Stored items:
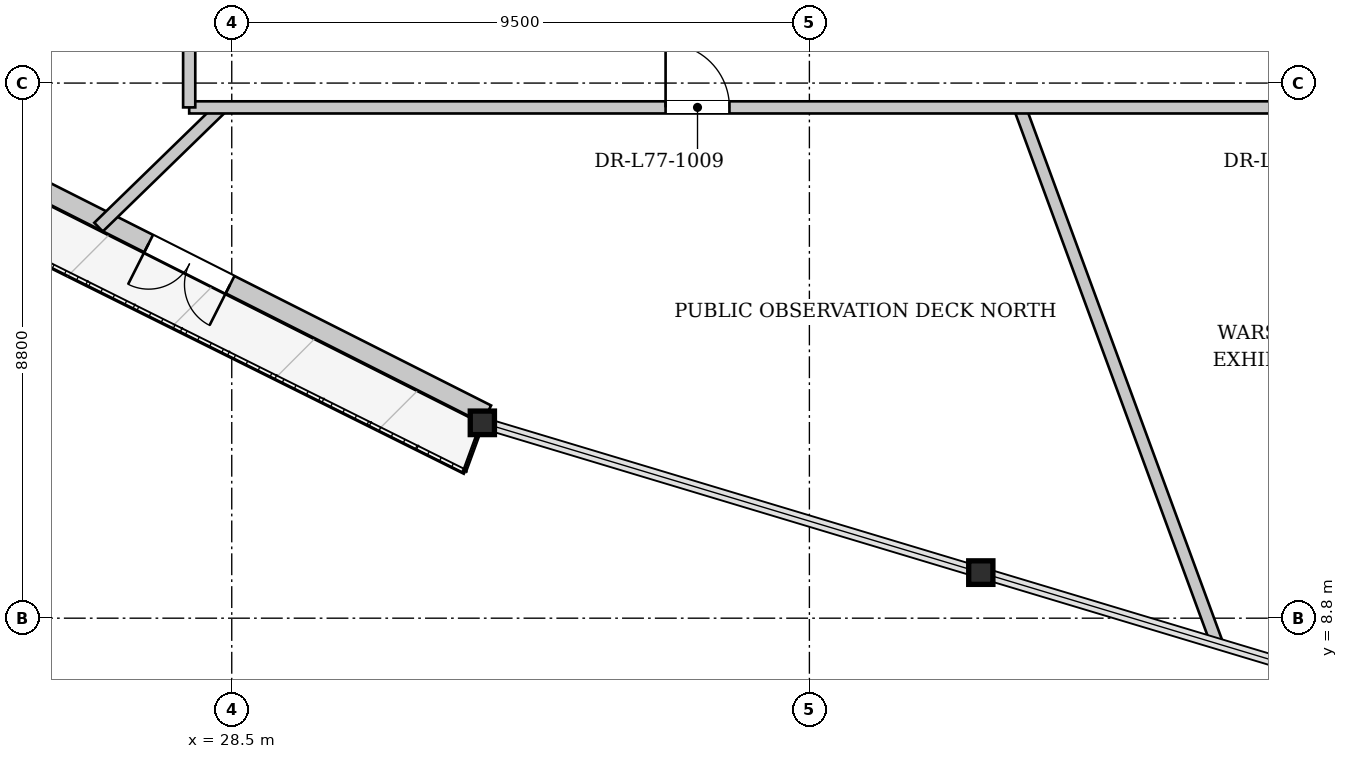
"""IFC4 building model, lengths in metres.
Left out: names, types, materials, properties, quantities, classifications, styles, units other than length and angle.
Written with IfcOpenShell. Run it as: python <this file> out.ifc"""

import sys

from ifc_helpers import new_model, si_unit, direction, frame, frame_2d, origin, origin_2d, place, context, subcontext, project, spatial, rectangle, i_section, extrude, source, transform, mapped, element, fill, save


model = new_model("IFC4")
c1 = context("Model", 3, precision=1e-05, world=origin(), true_north=direction((0.0, 1.0)))
c2 = subcontext(c1, "Body", "Model", "MODEL_VIEW")
j1 = project(units=[si_unit("LENGTHUNIT", "METRE"), si_unit("PLANEANGLEUNIT", "RADIAN")], contexts=[c1])
p1 = place(None, origin())
s1 = spatial("IfcSite", under=j1, at=p1, CompositionType="ELEMENT")
p2 = place(p1, origin())
s2 = spatial("IfcBuilding", under=s1, at=p2, CompositionType="ELEMENT")
p3 = place(p2, frame((0.0, 0.0, 290.5)))
s3 = spatial("IfcBuildingStorey", under=s2, at=p3, CompositionType="ELEMENT", Elevation=290.5)
m1 = source(origin(), c2, "Body", "SweptSolid", [
    extrude(i_section(OverallWidth=0.398, OverallDepth=0.387, WebThickness=0.019, FlangeThickness=0.029, at=origin_2d()), origin(), (0.0, 0.0, 1.0), 4.255),
])
for number, where, z_axis, x_axis in (
    (1, (32.621, 12.012, 0.0), (0.0, 0.0, 1.0), (1.0, 0.0, 0.0)),
    (2, (40.819, 9.55, 0.0), (0.0, 0.0, 1.0), (1.0, 0.0, 0.0)),
):
    element("IfcColumn", number, at=place(p3, frame(where, z_axis=z_axis, x_axis=x_axis)), inside=s3, PredefinedType="COLUMN", context=c2, shape_type="MappedRepresentation", body=[
        mapped(m1, transform((0.0, 0.0, 0.0), x_axis=(1.0, 0.0, 0.0), y_axis=(0.0, 1.0, 0.0), z_axis=(0.0, 0.0, 1.0), scale=1.0)),
    ])
p4 = place(p3, frame((32.694, 12.155, 0.0), z_axis=(0.0, 0.0, 1.0), x_axis=(-0.89278116215, 0.450490617561, 0.0)))
e3 = element("IfcWall", 3, at=p4, inside=s3, PredefinedType="SOLIDWALL", context=c2, shape_type="SweptSolid", body=[
    extrude(rectangle(XDim=17.119, YDim=0.32, at=frame_2d((8.56, 0.0))), origin(), (0.0, 0.0, 1.0), 3.782),
])
p5 = place(p4, frame((4.728, 0.0, 0.0)))
e4 = element("IfcOpeningElement", 4, at=p5, cuts=e3, PredefinedType="OPENING", context=c2, shape_type="SweptSolid", body=[
    extrude(rectangle(XDim=1.5, YDim=2.3, at=frame_2d((0.75, 1.15))), frame((0.0, 0.17, 0.0), z_axis=(0.0, -1.0, 0.0), x_axis=(1.0, 0.0, 0.0)), (0.0, 0.0, 1.0), 0.34),
])
p6 = place(p4, frame((11.368, 0.0, 0.65)))
e5 = element("IfcOpeningElement", 5, at=p6, cuts=e3, PredefinedType="OPENING", context=c2, shape_type="SweptSolid", body=[
    extrude(rectangle(XDim=2.6, YDim=2.35, at=frame_2d((1.3, 1.175))), frame((0.0, 0.17, 0.0), z_axis=(0.0, -1.0, 0.0), x_axis=(1.0, 0.0, 0.0)), (0.0, 0.0, 1.0), 0.34),
])
p7 = place(p3, frame((28.334, 17.2, 0.0), z_axis=(0.0, 0.0, 1.0), x_axis=(-0.716936105059, -0.697138882334, 0.0)))
e6 = element("IfcWall", 6, at=p7, inside=s3, PredefinedType="PARTITIONING", context=c2, shape_type="SweptSolid", body=[
    extrude(rectangle(XDim=2.824, YDim=0.2, at=frame_2d((1.412, 0.0))), origin(), (0.0, 0.0, 1.0), 4.24),
])
p8 = place(p3, frame((41.458, 17.2, 0.0), z_axis=(0.0, 0.0, 1.0), x_axis=(0.345312374887, -0.938487806927, 0.0)))
e7 = element("IfcWall", 7, at=p8, inside=s3, PredefinedType="PARTITIONING", context=c2, shape_type="SweptSolid", body=[
    extrude(rectangle(XDim=9.357, YDim=0.2, at=frame_2d((4.679, 0.0))), origin(), (0.0, 0.0, 1.0), 4.24),
])
p9 = place(p3, frame((27.8, 17.2, 0.0), z_axis=(0.0, 0.0, 1.0), x_axis=(1.0, 0.0, 0.0)))
e8 = element("IfcWall", 8, at=p9, inside=s3, PredefinedType="PARTITIONING", context=c2, shape_type="SweptSolid", body=[
    extrude(rectangle(XDim=20.4, YDim=0.2, at=frame_2d((10.2, 0.0))), origin(), (0.0, 0.0, 1.0), 3.865),
])
p10 = place(p9, frame((7.835, 0.0, 0.0)))
e9 = element("IfcOpeningElement", 9, at=p10, cuts=e8, PredefinedType="OPENING", context=c2, shape_type="SweptSolid", body=[
    extrude(rectangle(XDim=1.05, YDim=2.2, at=frame_2d((0.525, 1.1))), frame((0.0, 0.11, 0.0), z_axis=(0.0, -1.0, 0.0), x_axis=(1.0, 0.0, 0.0)), (0.0, 0.0, 1.0), 0.22),
])
p11 = place(p9, frame((18.182, 0.0, 0.0)))
e10 = element("IfcOpeningElement", 10, at=p11, cuts=e8, PredefinedType="OPENING", context=c2, shape_type="SweptSolid", body=[
    extrude(rectangle(XDim=1.05, YDim=2.2, at=frame_2d((0.525, 1.1))), frame((0.0, 0.11, 0.0), z_axis=(0.0, -1.0, 0.0), x_axis=(1.0, 0.0, 0.0)), (0.0, 0.0, 1.0), 0.22),
])
p12 = place(p3, frame((27.8, 17.2, 0.0), z_axis=(0.0, 0.0, 1.0), x_axis=(0.0, 1.0, 0.0)))
e11 = element("IfcWall", 11, at=p12, inside=s3, PredefinedType="PARTITIONING", context=c2, shape_type="SweptSolid", body=[
    extrude(rectangle(XDim=16.92, YDim=0.2, at=frame_2d((8.46, 0.0))), origin(), (0.0, 0.0, 1.0), 4.24),
])
p13 = place(p12, frame((8.114, 0.0, 0.0)))
e12 = element("IfcOpeningElement", 12, at=p13, cuts=e11, PredefinedType="OPENING", context=c2, shape_type="SweptSolid", body=[
    extrude(rectangle(XDim=1.6, YDim=2.2, at=frame_2d((0.8, 1.1))), frame((0.0, 0.11, 0.0), z_axis=(0.0, -1.0, 0.0), x_axis=(1.0, 0.0, 0.0)), (0.0, 0.0, 1.0), 0.22),
])
m2 = source(origin(), c2, "Body", "SweptSolid", [
    extrude(rectangle(XDim=1.5, YDim=2.3, at=frame_2d((0.75, 1.15))), frame((0.0, 0.025, 0.0), z_axis=(0.0, -1.0, 0.0), x_axis=(1.0, 0.0, 0.0)), (0.0, 0.0, 1.0), 0.05),
])
p14 = place(p5, origin())
e13 = element("IfcDoor", 13, at=p14, inside=s3, OperationType="DOUBLE_DOOR_SINGLE_SWING", PredefinedType="DOOR", context=c2, shape_type="MappedRepresentation", body=[
    mapped(m2, transform((0.0, 0.0, 0.0), x_axis=(1.0, 0.0, 0.0), y_axis=(0.0, 1.0, 0.0), z_axis=(0.0, 0.0, 1.0), scale=1.0)),
])
fill(e4, e13)
m3 = source(origin(), c2, "Body", "SweptSolid", [
    extrude(rectangle(XDim=1.05, YDim=2.2, at=frame_2d((0.525, 1.1))), frame((0.0, 0.025, 0.0), z_axis=(0.0, -1.0, 0.0), x_axis=(1.0, 0.0, 0.0)), (0.0, 0.0, 1.0), 0.05),
])
p15 = place(p10, origin())
e14 = element("IfcDoor", 14, at=p15, inside=s3, OperationType="SINGLE_SWING_LEFT", PredefinedType="DOOR", context=c2, shape_type="MappedRepresentation", body=[
    mapped(m3, transform((0.0, 0.0, 0.0), x_axis=(1.0, 0.0, 0.0), y_axis=(0.0, 1.0, 0.0), z_axis=(0.0, 0.0, 1.0), scale=1.0)),
])
fill(e9, e14)
save(model, sys.argv[1])

**Required action:** Provide only the count of lines in the data above that include the string "direction".

**Response to this task:** 2